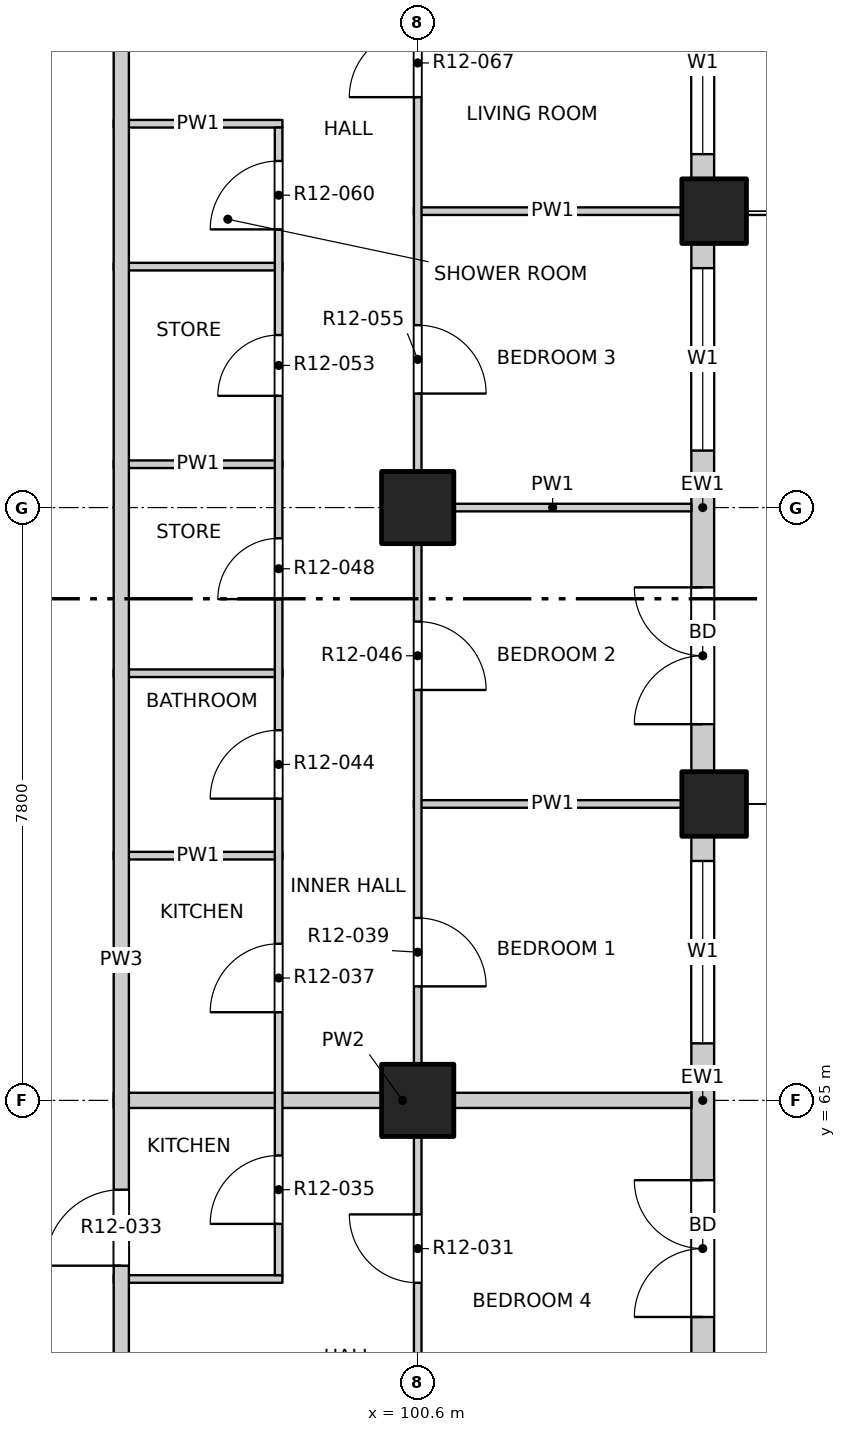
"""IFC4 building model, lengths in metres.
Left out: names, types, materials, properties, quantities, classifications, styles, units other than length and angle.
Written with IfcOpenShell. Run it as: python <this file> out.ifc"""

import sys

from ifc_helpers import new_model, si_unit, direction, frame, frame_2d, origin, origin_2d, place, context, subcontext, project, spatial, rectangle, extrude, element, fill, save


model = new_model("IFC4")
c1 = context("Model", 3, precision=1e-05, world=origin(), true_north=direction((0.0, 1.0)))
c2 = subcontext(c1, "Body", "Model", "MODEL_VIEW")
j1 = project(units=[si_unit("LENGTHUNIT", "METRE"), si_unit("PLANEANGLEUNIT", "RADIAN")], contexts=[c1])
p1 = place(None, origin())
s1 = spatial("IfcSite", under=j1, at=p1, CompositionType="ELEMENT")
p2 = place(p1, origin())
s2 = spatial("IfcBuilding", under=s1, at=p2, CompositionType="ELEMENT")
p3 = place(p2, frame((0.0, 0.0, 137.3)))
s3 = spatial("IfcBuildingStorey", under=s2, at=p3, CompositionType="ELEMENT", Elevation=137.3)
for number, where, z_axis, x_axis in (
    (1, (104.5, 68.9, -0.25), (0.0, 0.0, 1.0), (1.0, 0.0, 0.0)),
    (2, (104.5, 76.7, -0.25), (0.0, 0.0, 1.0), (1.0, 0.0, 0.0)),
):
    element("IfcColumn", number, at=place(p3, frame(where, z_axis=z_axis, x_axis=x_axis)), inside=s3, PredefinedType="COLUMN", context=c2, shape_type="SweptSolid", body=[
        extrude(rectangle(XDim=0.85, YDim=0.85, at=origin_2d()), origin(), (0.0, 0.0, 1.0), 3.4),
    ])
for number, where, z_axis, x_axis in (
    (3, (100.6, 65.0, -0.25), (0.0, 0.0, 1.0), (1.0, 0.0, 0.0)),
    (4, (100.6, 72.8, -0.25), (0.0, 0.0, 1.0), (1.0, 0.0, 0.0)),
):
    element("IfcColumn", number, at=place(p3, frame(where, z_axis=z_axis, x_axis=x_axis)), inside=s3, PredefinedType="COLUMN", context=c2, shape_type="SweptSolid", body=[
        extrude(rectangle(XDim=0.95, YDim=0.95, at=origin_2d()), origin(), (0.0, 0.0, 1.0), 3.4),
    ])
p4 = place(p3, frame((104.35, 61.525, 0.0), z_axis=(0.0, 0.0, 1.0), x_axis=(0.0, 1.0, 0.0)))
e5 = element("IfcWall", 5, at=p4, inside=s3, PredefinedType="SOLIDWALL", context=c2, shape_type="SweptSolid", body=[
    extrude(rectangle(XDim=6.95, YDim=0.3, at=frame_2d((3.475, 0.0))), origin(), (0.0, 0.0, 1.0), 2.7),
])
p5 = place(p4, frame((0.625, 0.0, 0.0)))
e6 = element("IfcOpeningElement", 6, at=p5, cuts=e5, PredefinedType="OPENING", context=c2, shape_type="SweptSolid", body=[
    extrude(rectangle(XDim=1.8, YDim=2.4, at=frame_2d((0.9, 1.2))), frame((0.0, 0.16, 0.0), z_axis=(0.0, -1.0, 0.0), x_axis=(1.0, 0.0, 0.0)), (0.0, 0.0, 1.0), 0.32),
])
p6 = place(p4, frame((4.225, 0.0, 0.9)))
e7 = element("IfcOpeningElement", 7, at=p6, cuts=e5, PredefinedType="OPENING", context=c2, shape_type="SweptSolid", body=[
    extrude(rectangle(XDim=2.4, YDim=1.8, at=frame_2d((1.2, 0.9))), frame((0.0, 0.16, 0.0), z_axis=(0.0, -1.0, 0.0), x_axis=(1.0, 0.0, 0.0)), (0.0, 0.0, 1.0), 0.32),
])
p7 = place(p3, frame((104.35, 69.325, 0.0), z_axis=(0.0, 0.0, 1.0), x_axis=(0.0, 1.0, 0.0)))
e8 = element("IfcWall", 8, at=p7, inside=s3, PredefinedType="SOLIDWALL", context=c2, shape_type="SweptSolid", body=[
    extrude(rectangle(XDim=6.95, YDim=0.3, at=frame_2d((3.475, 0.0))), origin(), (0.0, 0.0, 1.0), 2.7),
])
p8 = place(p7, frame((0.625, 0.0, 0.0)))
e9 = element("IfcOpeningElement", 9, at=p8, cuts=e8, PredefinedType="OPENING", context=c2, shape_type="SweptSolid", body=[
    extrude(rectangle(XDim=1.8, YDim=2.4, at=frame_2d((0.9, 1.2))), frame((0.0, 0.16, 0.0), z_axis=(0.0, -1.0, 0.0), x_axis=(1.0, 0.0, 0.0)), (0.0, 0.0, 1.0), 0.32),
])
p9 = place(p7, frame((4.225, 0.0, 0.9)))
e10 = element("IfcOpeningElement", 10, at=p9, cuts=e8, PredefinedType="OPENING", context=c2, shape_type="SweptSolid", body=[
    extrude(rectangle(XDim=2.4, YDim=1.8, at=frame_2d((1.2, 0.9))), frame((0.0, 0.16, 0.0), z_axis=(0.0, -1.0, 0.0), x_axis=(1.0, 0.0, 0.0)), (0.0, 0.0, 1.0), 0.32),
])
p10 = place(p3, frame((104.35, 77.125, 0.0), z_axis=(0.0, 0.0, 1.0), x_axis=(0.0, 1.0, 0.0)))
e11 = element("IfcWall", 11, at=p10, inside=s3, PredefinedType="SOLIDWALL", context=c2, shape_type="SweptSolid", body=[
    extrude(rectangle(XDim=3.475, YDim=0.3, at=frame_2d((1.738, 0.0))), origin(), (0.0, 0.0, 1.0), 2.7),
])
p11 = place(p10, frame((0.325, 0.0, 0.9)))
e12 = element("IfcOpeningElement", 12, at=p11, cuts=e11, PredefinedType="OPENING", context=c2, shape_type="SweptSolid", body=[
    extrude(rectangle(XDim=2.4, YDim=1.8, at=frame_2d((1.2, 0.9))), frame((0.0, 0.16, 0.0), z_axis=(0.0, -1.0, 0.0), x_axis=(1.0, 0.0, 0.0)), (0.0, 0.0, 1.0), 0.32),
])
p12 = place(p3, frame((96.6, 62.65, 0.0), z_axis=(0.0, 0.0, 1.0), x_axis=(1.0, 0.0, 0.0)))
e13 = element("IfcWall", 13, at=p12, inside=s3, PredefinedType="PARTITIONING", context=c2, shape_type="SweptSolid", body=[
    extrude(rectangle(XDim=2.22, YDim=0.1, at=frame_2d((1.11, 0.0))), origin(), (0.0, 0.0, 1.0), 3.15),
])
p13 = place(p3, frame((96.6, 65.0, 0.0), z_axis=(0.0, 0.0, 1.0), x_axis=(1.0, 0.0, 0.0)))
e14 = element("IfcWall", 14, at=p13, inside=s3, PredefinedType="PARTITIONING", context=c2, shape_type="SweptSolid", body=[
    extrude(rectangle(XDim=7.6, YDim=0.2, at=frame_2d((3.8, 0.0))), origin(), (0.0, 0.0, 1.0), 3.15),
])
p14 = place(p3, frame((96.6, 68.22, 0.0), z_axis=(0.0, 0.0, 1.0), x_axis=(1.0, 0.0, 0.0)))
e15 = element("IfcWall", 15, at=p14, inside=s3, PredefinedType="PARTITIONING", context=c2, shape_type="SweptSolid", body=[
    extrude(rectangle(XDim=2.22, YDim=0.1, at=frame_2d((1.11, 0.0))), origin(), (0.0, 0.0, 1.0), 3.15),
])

* * * * * * * * *

> Exercise requirements: If a line in the records includes "OPENING", it counts toward the total; report that total by itself.

> Result: 5